#### [Aim of the task]
Look through the data for the string "save". Copy every line where it is found.

*** Raw data

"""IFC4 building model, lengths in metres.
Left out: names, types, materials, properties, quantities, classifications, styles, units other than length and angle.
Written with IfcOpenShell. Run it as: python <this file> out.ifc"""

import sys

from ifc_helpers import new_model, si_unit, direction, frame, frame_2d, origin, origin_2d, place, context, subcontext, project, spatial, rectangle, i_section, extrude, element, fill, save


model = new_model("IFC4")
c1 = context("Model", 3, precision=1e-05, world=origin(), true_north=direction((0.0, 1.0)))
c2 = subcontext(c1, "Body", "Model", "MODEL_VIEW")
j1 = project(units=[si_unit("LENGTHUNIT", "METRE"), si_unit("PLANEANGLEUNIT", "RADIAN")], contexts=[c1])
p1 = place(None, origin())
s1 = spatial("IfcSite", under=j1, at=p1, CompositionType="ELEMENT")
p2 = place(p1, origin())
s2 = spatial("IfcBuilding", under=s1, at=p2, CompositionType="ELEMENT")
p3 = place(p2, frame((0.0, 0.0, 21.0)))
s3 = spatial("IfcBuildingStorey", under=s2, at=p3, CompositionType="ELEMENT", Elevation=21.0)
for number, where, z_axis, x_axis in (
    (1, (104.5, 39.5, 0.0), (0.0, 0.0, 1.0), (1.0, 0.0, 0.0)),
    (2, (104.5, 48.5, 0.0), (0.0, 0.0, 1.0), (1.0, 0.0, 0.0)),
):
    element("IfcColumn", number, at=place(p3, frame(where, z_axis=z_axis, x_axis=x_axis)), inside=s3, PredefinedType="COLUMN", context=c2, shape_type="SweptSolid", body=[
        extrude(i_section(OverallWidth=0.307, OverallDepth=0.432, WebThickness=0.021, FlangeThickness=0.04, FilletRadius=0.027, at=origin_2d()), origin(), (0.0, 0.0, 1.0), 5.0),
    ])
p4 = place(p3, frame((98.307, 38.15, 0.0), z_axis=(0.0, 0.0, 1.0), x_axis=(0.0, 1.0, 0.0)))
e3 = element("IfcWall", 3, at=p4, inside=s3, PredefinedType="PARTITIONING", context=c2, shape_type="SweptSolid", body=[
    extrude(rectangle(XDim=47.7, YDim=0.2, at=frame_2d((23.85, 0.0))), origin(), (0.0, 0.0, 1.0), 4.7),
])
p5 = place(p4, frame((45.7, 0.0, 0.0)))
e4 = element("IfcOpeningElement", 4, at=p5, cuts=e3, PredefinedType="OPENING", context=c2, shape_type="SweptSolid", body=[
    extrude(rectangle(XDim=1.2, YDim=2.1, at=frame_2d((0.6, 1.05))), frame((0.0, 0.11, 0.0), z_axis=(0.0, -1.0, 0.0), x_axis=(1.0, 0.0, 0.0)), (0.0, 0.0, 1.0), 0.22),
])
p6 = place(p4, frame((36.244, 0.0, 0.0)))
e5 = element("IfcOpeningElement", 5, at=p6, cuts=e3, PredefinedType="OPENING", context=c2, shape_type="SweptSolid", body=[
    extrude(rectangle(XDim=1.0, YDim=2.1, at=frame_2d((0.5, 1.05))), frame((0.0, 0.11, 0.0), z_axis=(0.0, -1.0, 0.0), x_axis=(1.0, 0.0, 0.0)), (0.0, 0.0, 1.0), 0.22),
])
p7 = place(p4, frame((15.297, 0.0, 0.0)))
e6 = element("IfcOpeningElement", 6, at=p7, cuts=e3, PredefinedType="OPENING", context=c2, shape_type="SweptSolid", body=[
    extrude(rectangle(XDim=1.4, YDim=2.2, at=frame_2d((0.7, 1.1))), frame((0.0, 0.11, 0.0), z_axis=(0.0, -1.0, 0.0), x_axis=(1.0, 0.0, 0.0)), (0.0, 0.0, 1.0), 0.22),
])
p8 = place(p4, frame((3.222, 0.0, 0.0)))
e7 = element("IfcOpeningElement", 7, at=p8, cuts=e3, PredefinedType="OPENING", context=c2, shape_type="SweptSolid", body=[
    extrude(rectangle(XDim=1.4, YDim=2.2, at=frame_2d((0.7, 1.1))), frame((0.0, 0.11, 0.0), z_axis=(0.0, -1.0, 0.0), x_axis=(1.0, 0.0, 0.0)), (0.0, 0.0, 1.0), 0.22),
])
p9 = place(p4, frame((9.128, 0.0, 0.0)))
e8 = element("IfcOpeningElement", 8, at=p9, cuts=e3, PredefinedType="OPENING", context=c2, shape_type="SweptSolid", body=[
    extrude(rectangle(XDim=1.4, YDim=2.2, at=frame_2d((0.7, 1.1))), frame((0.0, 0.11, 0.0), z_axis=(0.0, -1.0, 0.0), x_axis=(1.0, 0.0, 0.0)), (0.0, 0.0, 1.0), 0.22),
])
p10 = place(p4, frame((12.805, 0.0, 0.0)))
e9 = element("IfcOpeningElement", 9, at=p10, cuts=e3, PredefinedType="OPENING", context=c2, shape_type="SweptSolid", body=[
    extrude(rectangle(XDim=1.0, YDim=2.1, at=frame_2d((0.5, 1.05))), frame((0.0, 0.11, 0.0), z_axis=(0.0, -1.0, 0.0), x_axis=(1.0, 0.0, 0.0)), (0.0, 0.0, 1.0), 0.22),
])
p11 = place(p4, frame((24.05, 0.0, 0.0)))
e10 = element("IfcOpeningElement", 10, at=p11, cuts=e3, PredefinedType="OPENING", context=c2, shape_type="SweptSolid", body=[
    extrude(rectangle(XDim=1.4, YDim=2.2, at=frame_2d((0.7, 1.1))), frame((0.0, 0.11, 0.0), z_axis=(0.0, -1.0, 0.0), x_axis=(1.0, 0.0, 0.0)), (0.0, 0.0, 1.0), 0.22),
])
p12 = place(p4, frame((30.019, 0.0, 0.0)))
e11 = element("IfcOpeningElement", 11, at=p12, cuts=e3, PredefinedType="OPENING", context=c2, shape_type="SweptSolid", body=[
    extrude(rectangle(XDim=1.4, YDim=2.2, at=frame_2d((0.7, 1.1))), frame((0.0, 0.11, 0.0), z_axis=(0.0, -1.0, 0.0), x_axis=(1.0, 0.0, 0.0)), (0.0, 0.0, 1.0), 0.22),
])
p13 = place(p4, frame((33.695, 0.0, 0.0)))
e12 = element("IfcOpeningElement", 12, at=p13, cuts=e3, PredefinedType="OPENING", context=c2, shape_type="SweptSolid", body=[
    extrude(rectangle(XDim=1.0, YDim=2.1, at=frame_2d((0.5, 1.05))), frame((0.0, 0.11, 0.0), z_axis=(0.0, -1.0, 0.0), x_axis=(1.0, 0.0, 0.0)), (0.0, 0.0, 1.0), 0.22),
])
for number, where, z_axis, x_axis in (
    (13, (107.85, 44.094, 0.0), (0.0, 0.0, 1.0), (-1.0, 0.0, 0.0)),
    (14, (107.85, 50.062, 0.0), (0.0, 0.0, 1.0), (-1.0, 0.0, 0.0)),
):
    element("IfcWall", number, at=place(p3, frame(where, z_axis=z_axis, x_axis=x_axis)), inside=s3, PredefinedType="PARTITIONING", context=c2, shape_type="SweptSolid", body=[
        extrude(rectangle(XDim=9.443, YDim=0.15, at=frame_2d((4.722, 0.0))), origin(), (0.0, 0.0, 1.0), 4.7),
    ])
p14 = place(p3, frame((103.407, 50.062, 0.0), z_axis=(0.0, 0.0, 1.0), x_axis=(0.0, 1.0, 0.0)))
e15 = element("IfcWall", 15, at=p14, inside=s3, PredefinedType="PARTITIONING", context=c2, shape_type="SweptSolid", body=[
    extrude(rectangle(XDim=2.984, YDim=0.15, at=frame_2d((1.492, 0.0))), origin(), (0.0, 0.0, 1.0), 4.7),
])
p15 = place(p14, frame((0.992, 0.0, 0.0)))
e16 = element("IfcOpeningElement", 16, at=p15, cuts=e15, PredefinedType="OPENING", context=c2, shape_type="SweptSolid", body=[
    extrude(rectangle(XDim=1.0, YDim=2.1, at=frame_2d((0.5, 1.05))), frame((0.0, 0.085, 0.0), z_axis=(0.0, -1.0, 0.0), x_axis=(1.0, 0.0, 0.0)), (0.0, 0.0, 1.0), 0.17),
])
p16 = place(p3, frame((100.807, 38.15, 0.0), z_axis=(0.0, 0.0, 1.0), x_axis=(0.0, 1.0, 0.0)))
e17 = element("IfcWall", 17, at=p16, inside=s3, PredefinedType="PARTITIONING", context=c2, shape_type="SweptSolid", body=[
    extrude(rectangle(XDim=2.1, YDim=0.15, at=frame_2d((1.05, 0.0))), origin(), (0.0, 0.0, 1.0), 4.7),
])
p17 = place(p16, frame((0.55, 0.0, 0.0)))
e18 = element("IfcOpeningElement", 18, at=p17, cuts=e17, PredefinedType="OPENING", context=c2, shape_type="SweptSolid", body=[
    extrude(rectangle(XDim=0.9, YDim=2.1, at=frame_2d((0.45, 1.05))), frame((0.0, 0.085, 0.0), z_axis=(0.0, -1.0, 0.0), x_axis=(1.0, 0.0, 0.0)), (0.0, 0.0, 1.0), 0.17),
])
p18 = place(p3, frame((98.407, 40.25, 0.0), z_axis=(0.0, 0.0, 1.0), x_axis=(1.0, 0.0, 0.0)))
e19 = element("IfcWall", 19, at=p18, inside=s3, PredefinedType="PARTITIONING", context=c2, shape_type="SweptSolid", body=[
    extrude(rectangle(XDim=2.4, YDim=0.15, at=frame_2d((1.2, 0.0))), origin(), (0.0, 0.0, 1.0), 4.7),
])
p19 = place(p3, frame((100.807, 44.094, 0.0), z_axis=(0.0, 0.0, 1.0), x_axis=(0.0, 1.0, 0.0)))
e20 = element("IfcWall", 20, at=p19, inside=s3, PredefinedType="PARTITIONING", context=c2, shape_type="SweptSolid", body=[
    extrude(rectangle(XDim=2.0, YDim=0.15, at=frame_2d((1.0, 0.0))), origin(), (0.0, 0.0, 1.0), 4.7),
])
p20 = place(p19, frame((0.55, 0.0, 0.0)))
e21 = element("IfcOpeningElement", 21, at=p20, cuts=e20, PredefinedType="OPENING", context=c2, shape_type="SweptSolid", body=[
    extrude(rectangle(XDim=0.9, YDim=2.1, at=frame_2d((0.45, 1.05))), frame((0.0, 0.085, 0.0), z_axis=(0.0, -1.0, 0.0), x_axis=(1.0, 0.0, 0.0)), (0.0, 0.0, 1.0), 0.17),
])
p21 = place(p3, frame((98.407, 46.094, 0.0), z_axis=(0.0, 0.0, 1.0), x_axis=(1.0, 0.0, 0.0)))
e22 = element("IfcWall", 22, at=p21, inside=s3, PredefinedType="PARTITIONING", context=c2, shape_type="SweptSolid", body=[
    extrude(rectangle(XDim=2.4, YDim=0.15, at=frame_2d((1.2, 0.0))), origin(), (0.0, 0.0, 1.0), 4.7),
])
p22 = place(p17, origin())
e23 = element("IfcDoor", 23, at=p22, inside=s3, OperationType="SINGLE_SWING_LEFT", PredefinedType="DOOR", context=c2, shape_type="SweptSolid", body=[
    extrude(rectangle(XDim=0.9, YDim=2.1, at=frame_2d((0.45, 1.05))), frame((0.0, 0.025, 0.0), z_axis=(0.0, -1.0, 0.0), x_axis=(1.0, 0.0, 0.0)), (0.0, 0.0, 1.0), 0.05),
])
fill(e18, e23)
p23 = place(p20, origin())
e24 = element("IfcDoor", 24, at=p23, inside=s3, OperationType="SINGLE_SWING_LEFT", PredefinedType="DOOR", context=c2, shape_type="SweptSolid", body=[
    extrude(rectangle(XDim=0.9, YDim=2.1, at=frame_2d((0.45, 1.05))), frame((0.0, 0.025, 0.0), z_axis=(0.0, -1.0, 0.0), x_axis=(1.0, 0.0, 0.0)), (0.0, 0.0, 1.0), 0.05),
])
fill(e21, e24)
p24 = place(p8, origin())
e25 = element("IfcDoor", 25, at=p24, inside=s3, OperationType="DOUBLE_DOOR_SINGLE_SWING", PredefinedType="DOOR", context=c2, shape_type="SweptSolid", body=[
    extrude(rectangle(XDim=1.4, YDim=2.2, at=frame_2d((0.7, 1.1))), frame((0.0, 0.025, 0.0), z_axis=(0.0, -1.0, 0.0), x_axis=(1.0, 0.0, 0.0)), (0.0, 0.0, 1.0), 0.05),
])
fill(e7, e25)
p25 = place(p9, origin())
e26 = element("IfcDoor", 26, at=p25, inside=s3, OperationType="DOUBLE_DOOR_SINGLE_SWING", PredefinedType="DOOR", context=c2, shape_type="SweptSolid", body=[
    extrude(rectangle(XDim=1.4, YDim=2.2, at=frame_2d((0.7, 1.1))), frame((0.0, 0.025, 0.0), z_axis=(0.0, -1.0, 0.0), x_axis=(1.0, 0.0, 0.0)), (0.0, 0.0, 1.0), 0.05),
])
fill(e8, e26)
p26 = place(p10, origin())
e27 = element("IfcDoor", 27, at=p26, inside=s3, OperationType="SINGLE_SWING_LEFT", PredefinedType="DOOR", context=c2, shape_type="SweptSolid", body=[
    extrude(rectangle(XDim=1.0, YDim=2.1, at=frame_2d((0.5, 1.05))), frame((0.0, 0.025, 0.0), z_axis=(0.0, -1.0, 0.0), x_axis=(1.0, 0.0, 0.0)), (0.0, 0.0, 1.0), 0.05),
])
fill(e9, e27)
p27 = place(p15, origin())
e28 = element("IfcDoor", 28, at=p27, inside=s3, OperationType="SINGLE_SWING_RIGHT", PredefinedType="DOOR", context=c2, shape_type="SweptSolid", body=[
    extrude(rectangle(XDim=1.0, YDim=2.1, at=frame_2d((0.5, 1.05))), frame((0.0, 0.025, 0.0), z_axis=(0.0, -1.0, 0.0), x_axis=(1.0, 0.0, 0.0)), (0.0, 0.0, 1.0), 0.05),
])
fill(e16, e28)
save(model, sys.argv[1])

******

#### [Your solution]
from ifc_helpers import new_model, si_unit, direction, frame, frame_2d, origin, origin_2d, place, context, subcontext, project, spatial, rectangle, i_section, extrude, element, fill, save
save(model, sys.argv[1])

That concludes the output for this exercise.